Records from a collection
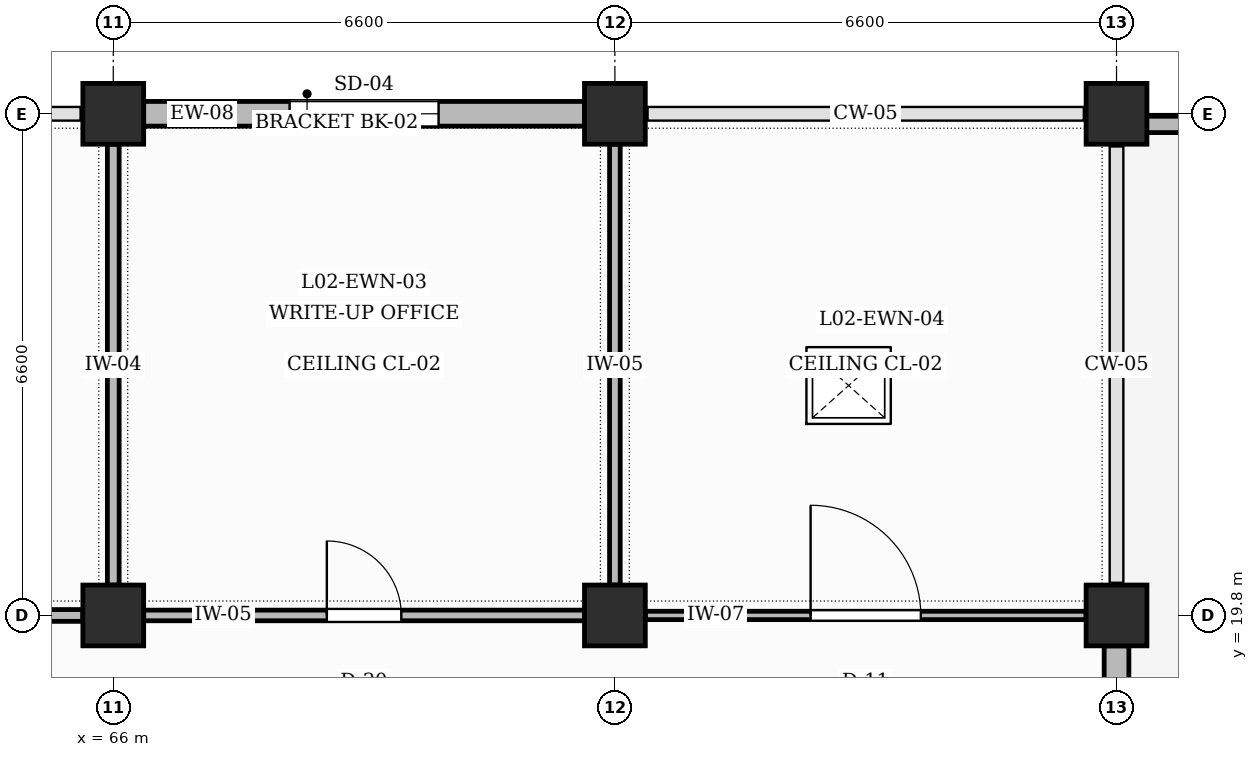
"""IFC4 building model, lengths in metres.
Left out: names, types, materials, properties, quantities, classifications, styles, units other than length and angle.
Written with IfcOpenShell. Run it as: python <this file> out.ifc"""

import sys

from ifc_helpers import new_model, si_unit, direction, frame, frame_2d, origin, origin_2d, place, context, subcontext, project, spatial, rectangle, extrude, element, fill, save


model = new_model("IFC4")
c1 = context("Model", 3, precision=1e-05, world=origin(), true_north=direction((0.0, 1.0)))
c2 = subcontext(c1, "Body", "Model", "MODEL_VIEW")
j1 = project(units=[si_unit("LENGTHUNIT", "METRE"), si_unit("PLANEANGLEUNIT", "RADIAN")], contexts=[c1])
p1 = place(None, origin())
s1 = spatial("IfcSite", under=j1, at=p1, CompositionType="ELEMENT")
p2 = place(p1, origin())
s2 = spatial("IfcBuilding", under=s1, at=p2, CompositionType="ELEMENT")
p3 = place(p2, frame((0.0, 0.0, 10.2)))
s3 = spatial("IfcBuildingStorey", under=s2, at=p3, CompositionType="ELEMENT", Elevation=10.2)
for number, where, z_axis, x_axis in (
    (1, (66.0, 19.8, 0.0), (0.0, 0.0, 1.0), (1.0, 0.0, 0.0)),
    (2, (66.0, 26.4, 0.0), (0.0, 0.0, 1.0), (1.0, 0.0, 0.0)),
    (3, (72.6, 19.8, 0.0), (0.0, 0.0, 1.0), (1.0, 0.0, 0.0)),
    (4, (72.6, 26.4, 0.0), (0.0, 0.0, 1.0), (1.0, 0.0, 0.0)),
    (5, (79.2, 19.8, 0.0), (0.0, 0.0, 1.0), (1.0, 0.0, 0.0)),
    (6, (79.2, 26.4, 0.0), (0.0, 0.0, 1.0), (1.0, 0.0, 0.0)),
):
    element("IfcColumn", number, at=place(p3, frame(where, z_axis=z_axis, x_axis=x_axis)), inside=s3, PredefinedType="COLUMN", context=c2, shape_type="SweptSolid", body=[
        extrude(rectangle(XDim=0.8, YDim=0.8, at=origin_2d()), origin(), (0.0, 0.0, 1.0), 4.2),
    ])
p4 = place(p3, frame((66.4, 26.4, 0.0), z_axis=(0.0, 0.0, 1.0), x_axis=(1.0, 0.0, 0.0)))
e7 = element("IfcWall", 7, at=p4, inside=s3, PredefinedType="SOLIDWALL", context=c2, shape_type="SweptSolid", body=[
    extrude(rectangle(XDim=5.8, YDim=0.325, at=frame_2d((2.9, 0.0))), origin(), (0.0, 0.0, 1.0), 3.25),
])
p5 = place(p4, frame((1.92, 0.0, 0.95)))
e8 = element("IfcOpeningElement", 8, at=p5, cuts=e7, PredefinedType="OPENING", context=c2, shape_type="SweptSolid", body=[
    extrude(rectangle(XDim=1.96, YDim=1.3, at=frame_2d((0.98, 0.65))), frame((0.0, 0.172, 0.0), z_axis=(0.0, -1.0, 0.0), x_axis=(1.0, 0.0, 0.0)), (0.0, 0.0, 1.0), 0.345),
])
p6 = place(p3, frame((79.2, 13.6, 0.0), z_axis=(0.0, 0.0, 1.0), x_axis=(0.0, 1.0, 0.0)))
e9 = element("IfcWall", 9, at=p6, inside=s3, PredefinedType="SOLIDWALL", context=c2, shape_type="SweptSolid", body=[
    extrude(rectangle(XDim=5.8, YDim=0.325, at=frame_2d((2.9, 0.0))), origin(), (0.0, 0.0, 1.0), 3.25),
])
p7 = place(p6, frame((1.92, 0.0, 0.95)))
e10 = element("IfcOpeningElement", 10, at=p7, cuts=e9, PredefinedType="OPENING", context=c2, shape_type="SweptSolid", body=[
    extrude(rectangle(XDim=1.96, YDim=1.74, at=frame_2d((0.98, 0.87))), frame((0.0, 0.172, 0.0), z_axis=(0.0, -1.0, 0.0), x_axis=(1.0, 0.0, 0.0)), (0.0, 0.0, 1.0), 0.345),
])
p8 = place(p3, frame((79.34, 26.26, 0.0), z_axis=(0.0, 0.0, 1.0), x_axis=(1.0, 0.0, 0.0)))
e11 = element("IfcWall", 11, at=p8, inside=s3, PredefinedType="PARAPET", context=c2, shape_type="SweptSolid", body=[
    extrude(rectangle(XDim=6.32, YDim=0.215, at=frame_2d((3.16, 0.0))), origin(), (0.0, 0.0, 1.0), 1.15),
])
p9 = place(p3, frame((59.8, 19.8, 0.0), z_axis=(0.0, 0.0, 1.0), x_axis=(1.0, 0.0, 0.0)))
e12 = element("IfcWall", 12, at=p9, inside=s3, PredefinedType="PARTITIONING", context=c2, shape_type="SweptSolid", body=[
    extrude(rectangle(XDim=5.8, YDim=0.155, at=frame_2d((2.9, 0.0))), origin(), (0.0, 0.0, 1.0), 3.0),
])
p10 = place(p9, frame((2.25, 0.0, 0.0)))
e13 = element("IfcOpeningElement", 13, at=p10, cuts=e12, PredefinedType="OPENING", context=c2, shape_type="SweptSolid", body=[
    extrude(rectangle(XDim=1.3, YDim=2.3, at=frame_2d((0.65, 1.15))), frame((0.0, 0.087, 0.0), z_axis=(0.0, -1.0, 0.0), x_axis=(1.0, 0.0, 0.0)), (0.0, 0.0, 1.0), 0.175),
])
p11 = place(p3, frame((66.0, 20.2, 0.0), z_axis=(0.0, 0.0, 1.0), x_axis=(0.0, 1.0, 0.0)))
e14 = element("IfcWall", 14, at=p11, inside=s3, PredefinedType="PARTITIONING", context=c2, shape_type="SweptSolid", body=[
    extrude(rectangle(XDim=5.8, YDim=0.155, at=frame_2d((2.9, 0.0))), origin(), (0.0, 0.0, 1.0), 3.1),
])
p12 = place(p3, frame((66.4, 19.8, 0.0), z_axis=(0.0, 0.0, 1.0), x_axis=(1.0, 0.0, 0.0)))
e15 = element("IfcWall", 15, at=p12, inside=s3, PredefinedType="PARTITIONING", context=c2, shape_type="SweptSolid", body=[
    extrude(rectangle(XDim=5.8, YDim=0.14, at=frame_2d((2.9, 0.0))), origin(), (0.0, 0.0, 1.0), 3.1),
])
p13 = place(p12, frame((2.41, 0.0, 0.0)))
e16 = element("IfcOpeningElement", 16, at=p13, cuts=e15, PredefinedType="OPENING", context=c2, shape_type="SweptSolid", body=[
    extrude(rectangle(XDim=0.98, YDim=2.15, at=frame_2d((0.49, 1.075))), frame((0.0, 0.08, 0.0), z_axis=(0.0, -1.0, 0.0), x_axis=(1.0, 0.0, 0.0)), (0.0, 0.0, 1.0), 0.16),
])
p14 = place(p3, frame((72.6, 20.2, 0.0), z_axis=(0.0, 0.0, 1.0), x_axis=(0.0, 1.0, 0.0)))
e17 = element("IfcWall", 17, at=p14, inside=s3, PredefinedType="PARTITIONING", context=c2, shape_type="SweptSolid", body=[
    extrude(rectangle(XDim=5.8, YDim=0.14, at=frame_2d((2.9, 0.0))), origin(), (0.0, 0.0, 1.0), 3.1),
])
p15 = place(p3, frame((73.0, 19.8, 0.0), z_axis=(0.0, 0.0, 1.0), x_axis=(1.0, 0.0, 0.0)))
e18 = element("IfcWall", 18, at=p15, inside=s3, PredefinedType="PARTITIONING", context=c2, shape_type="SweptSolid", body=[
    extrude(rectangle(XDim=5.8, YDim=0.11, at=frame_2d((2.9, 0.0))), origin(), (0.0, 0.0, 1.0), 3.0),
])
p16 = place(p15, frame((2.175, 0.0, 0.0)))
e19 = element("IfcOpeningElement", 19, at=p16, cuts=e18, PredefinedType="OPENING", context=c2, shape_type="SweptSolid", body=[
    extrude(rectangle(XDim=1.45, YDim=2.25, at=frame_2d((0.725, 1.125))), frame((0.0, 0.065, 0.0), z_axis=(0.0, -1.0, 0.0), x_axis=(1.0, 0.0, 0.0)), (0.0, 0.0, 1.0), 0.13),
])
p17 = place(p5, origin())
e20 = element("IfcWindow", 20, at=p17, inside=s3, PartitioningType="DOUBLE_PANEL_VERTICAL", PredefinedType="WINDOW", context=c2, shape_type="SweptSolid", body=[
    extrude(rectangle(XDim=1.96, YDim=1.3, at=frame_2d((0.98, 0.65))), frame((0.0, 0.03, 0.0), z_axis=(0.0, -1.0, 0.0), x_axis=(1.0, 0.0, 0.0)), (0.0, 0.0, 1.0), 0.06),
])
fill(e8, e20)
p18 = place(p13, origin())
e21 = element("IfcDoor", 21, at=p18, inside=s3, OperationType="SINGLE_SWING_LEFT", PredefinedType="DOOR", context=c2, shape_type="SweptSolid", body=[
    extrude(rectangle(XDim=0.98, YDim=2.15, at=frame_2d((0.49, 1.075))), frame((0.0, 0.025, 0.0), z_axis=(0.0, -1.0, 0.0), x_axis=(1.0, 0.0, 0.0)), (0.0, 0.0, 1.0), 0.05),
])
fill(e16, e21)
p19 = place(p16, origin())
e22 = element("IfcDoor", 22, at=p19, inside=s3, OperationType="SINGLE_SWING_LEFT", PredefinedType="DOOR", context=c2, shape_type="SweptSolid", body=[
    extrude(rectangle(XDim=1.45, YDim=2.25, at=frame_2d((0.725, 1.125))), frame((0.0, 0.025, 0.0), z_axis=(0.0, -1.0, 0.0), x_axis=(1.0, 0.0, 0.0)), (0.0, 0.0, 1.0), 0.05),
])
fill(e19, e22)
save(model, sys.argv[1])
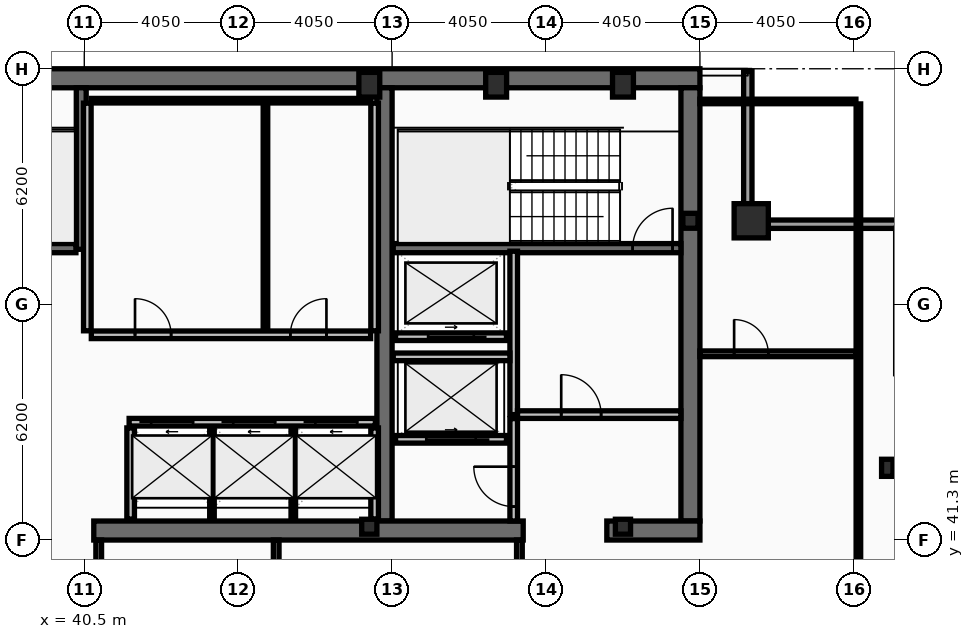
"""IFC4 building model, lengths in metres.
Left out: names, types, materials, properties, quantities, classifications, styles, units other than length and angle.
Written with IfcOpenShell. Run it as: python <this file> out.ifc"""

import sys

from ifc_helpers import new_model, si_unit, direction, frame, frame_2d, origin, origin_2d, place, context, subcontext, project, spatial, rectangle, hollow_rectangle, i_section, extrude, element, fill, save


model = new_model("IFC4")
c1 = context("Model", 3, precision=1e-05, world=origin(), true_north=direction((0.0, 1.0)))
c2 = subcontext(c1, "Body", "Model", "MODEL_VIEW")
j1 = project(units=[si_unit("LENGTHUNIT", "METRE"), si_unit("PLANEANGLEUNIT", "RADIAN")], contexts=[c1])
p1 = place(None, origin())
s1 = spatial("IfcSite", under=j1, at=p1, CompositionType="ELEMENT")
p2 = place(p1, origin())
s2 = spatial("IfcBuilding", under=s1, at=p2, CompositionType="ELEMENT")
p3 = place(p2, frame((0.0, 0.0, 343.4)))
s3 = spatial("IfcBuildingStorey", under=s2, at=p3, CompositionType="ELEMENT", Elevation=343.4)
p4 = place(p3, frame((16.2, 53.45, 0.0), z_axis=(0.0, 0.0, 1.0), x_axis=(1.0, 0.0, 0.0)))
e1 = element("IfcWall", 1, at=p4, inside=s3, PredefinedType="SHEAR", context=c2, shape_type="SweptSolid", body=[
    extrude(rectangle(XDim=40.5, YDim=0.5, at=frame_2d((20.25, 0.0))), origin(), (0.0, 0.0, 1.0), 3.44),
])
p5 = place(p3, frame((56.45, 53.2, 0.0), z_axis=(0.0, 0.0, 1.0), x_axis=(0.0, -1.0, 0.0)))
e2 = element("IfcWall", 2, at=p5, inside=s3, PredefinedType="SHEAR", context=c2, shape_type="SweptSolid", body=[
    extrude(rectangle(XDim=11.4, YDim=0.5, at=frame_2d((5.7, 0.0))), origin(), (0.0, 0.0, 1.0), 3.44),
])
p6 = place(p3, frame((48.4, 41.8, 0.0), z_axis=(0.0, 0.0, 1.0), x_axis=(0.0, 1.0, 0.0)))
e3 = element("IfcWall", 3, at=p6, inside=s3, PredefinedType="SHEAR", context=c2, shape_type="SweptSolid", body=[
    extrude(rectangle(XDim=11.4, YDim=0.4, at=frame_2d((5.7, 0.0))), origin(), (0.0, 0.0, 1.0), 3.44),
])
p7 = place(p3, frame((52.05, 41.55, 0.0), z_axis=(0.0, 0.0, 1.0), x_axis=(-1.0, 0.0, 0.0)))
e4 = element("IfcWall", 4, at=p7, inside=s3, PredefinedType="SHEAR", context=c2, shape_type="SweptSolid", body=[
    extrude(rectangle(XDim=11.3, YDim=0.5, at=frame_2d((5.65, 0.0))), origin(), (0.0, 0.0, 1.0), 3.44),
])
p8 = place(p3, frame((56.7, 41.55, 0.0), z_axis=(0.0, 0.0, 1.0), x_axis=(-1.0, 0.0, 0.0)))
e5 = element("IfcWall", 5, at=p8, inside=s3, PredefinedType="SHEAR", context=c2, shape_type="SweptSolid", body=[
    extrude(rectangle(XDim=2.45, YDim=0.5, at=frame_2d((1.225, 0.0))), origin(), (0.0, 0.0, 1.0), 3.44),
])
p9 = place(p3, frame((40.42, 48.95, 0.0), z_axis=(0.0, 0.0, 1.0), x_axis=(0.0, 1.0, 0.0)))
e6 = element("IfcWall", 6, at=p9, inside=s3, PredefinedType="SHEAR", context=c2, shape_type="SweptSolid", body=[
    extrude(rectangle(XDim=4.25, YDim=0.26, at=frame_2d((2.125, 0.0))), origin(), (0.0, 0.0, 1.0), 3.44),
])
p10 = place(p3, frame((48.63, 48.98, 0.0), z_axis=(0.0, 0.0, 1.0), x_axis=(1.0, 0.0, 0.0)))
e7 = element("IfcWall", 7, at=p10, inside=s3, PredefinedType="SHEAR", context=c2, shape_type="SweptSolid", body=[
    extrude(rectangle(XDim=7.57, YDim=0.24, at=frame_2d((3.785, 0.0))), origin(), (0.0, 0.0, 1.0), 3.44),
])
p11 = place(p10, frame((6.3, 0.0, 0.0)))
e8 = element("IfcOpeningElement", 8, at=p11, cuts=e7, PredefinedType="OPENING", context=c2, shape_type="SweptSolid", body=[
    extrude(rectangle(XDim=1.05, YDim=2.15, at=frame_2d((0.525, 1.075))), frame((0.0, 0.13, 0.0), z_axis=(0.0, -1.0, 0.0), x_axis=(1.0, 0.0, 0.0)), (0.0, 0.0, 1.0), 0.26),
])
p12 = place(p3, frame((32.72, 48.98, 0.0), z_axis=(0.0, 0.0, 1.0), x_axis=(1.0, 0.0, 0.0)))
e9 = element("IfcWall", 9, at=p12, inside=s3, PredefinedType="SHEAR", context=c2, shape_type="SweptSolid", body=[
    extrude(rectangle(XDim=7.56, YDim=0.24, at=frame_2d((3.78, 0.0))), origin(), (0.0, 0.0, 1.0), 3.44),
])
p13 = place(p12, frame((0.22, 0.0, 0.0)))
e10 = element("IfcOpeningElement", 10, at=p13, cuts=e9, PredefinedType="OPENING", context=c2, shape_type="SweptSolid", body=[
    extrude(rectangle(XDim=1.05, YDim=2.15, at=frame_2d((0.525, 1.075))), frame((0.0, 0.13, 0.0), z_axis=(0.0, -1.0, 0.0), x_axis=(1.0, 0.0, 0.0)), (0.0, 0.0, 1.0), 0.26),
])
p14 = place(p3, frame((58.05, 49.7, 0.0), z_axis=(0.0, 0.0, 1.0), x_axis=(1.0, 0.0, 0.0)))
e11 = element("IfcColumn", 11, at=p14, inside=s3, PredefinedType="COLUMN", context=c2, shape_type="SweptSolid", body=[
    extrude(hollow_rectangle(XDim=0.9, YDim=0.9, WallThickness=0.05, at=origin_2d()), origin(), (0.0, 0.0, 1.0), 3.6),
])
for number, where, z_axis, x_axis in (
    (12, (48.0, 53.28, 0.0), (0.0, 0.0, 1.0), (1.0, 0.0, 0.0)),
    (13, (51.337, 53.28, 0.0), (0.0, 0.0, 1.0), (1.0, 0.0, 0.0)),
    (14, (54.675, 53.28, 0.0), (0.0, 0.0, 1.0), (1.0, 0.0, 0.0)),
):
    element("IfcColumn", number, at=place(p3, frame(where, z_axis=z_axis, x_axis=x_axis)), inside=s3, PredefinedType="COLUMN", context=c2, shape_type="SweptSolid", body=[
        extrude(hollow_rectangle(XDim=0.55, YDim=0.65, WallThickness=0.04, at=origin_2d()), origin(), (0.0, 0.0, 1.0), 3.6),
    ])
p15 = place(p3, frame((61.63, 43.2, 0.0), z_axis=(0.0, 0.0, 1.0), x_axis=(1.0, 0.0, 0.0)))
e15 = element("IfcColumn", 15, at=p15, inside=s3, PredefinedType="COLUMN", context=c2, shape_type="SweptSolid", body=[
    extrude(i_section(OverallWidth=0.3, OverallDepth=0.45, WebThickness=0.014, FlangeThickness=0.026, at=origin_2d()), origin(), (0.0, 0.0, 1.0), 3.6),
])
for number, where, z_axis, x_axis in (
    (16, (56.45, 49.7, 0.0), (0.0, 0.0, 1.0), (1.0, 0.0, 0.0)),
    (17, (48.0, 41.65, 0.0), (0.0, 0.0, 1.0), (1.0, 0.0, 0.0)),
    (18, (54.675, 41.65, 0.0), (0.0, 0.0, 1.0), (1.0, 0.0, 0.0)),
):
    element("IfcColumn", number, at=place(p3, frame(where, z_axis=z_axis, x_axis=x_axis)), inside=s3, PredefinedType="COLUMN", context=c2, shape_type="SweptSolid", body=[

What you need to do
Which of the lines above hold the string "spatial"? Copy each one.

Solution for this task
from ifc_helpers import new_model, si_unit, direction, frame, frame_2d, origin, origin_2d, place, context, subcontext, project, spatial, rectangle, extrude, element, fill, save
s1 = spatial("IfcSite", under=j1, at=p1, CompositionType="ELEMENT")
s2 = spatial("IfcBuilding", under=s1, at=p2, CompositionType="ELEMENT")
s3 = spatial("IfcBuildingStorey", under=s2, at=p3, CompositionType="ELEMENT", Elevation=10.2)
from ifc_helpers import new_model, si_unit, direction, frame, frame_2d, origin, origin_2d, place, context, subcontext, project, spatial, rectangle, hollow_rectangle, i_section, extrude, element, fill, save
s1 = spatial("IfcSite", under=j1, at=p1, CompositionType="ELEMENT")
s2 = spatial("IfcBuilding", under=s1, at=p2, CompositionType="ELEMENT")
s3 = spatial("IfcBuildingStorey", under=s2, at=p3, CompositionType="ELEMENT", Elevation=343.4)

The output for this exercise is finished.